SOURCE DATA >>
BEGIN

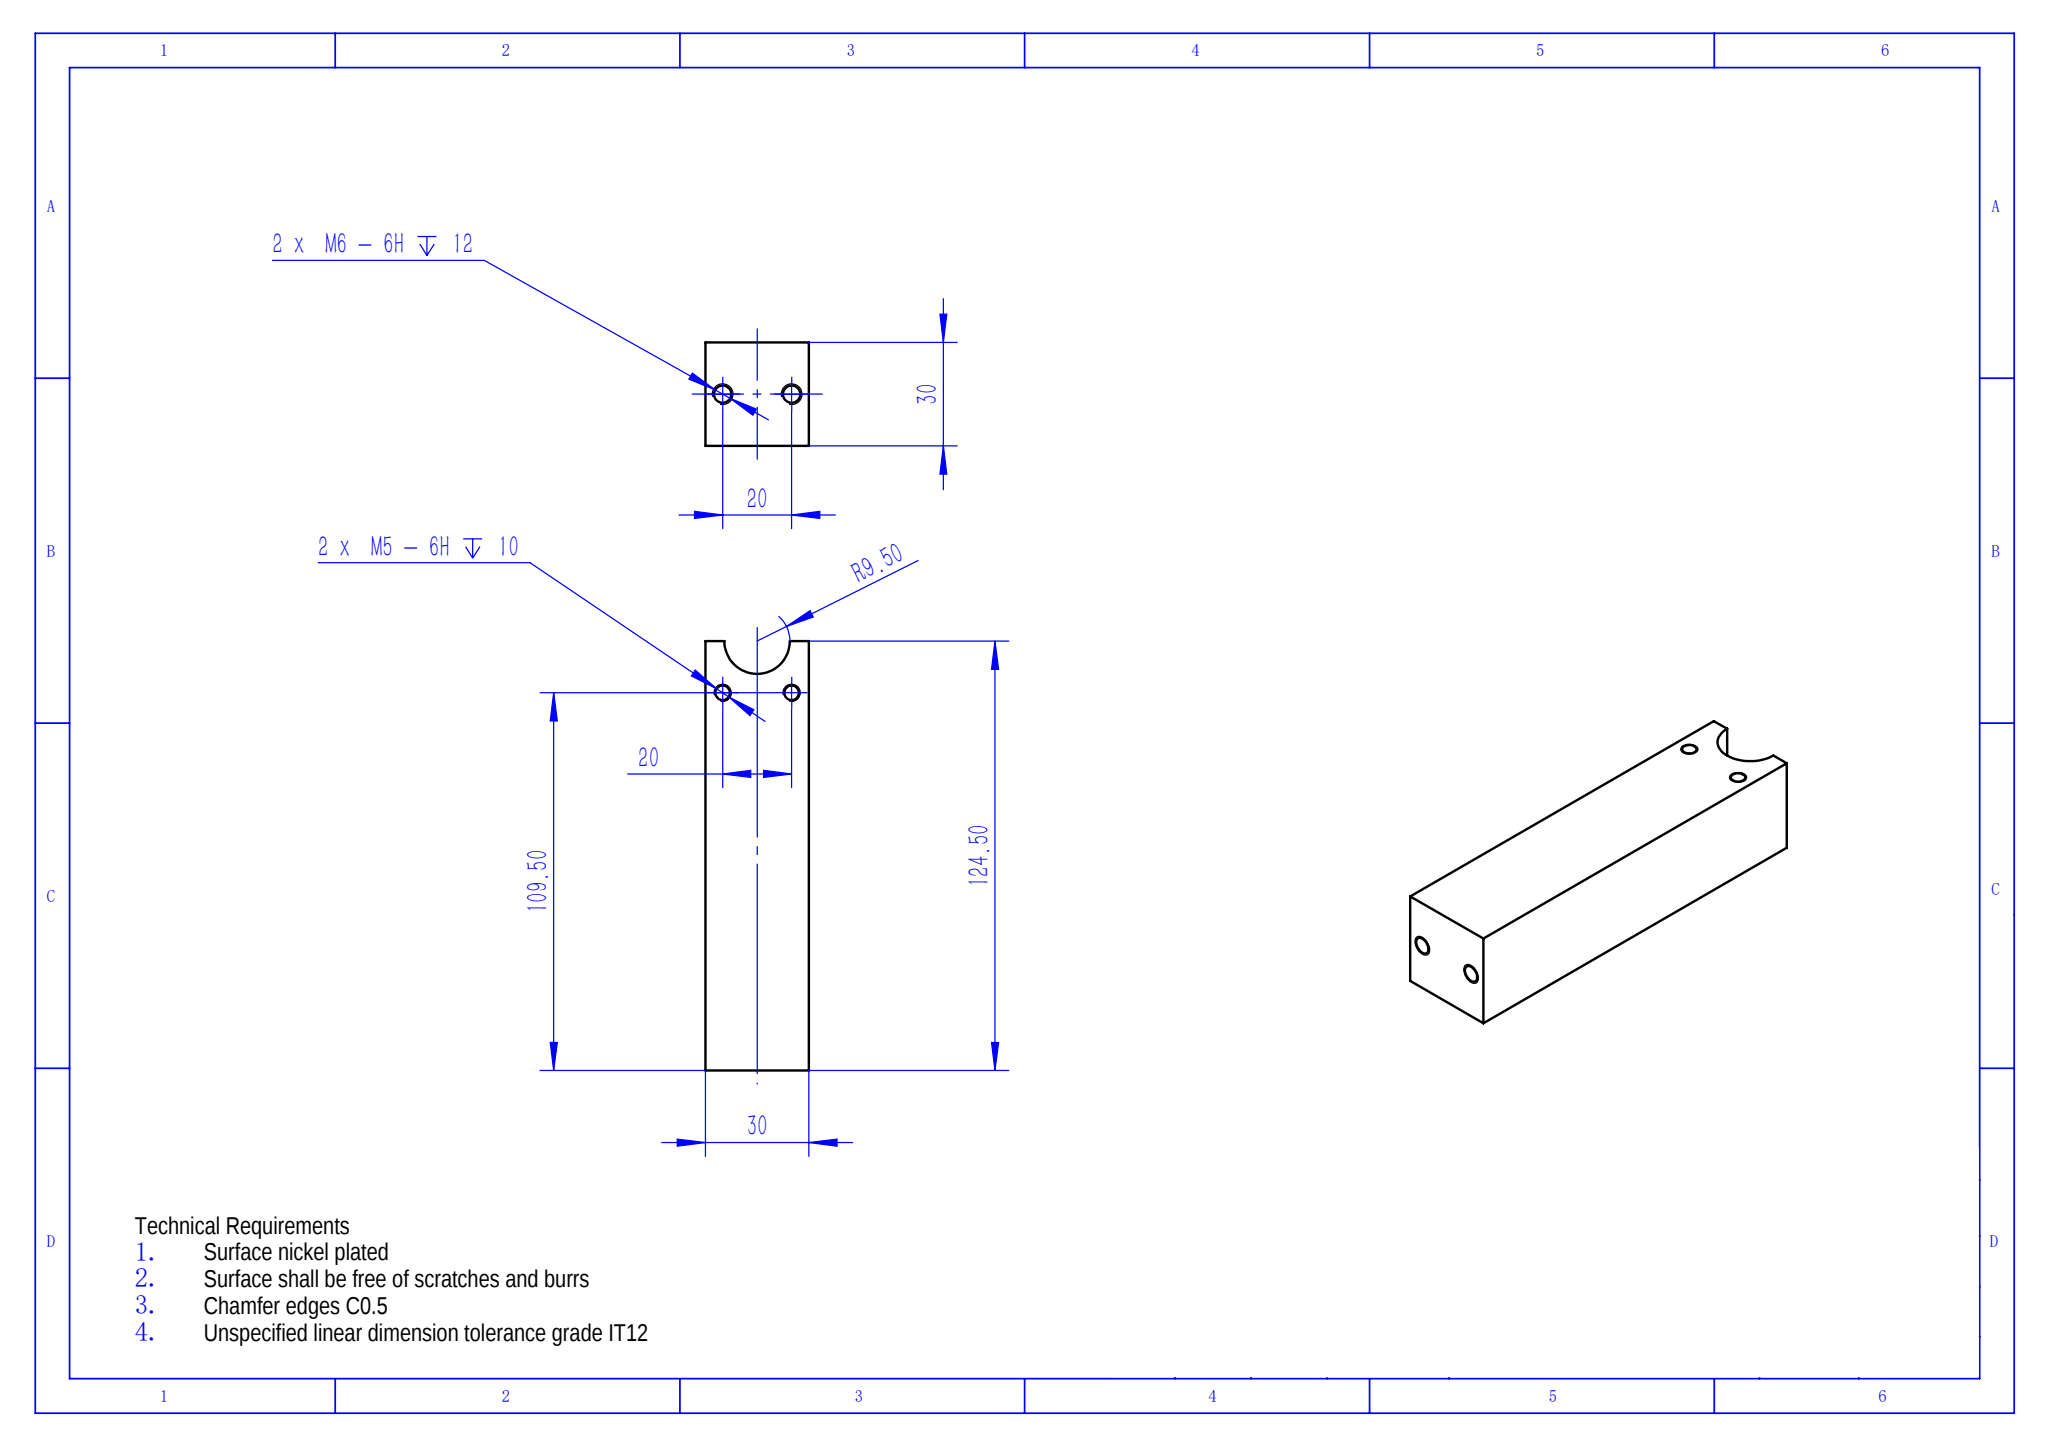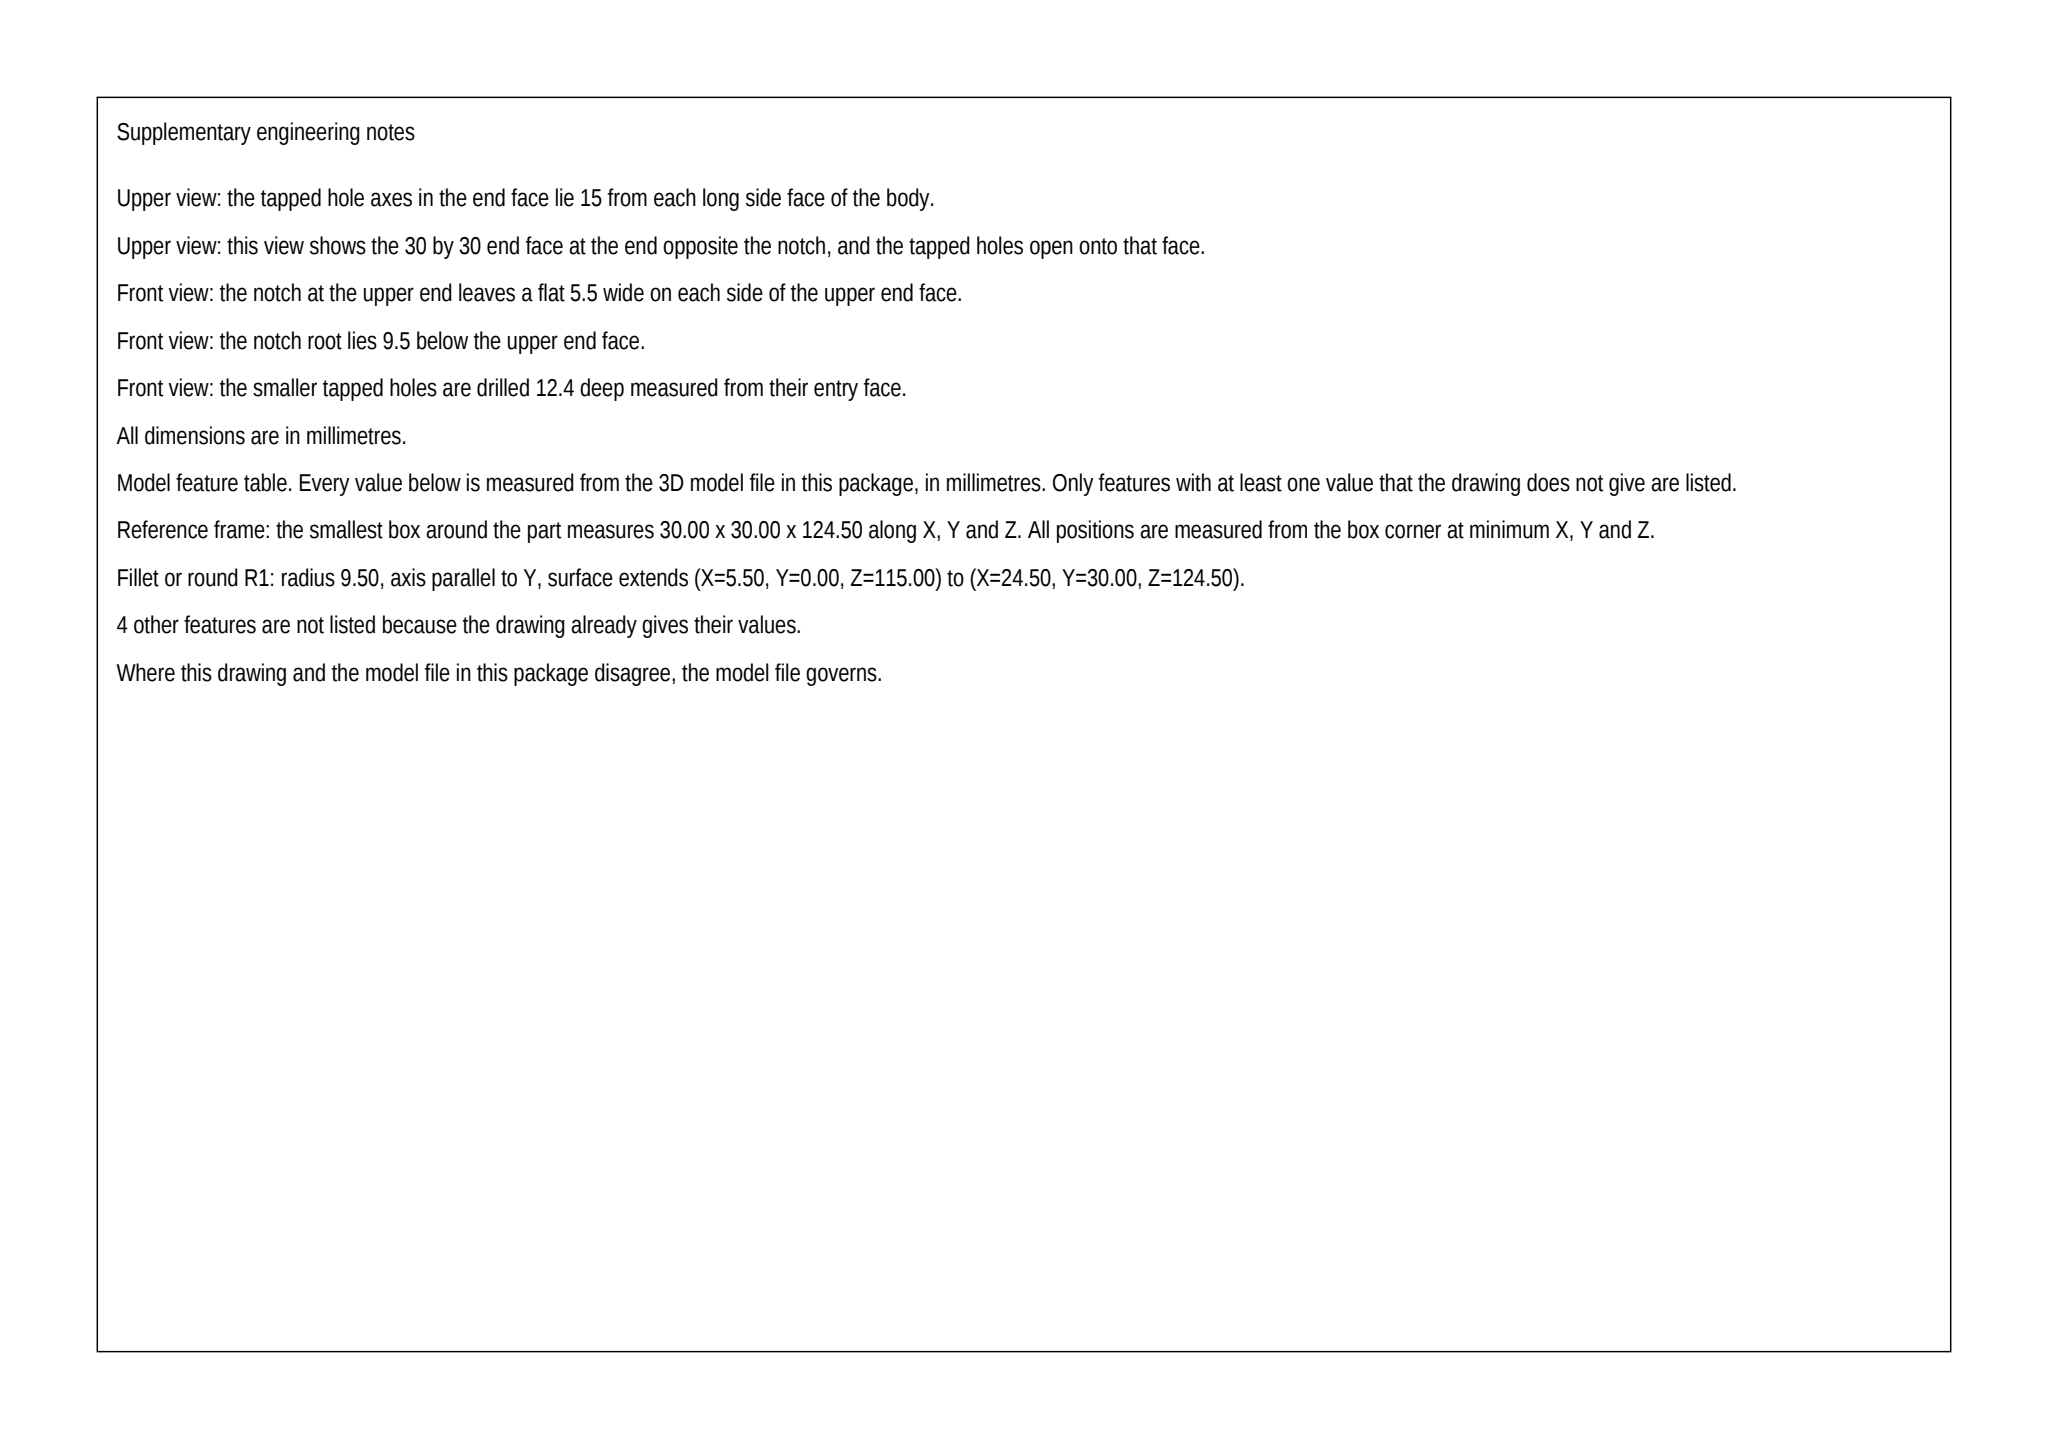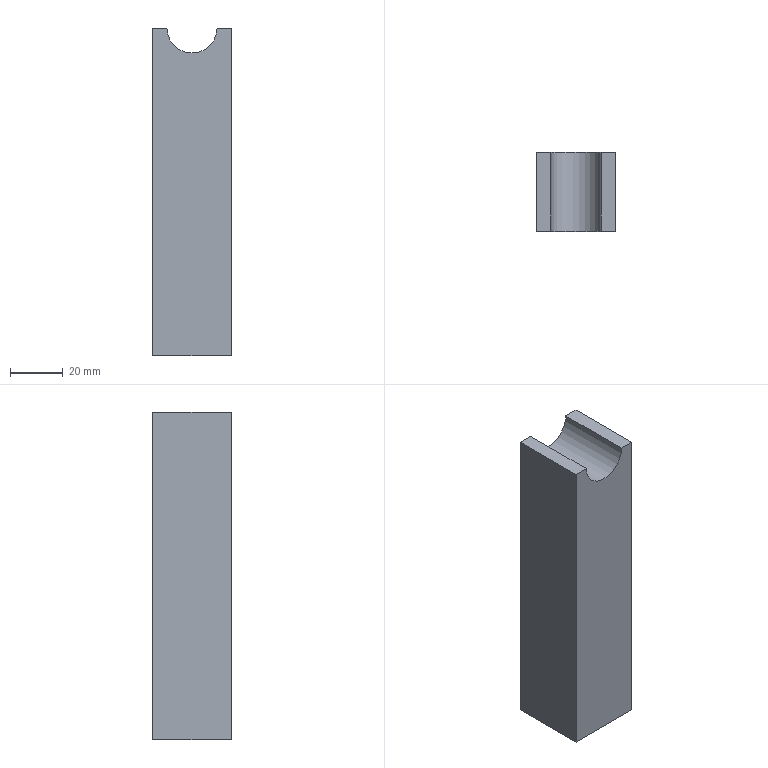Part | SolidWorks | mm | 1 solid | 24 faces | box 30 x 30 x 124.5 mm | volume 106833 mm3 | cylinder 9 | cone 8 | plane 7 | commonest cylinder face diameters 4.2 x4 5 x4 19 x1
build123d program:
from build123d import *

# Parameters (mm, degrees)
SKETCH1_W             = 30
SKETCH1_H             = 30
BOSS_EXTRUDE1_DEPTH   = 124.5
SKETCH2_R             = 9.5
CUT_EXTRUDE1_DEPTH    = 132.53
M6_TAPPED_HOLE1_D     = 5
M6_TAPPED_HOLE1_DEPTH = 15
M6_TAPPED_HOLE1_TIP   = 1.502
M5_TAPPED_HOLE1_D     = 4.2
M5_TAPPED_HOLE1_DEPTH = 12.4
M5_TAPPED_HOLE1_TIP   = 1.262


with BuildPart() as part:
    # Sketch1 → Boss-Extrude1 (new body)
    with BuildSketch(Plane.XY):
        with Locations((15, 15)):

END

TASK TO COMPLETE >> Both the first line of the records above and the line containing "M5_TAPPED_HOLE1_DEPTH = 12.4" belong in the copy; please return them and every line between, exactly, minus the pictures.

RESULT FOR THIS EXERCISE >>
Part | SolidWorks | mm | 1 solid | 24 faces | box 30 x 30 x 124.5 mm | volume 106833 mm3 | cylinder 9 | cone 8 | plane 7 | commonest cylinder face diameters 4.2 x4 5 x4 19 x1
build123d program:
from build123d import *

# Parameters (mm, degrees)
SKETCH1_W             = 30
SKETCH1_H             = 30
BOSS_EXTRUDE1_DEPTH   = 124.5
SKETCH2_R             = 9.5
CUT_EXTRUDE1_DEPTH    = 132.53
M6_TAPPED_HOLE1_D     = 5
M6_TAPPED_HOLE1_DEPTH = 15
M6_TAPPED_HOLE1_TIP   = 1.502
M5_TAPPED_HOLE1_D     = 4.2
M5_TAPPED_HOLE1_DEPTH = 12.4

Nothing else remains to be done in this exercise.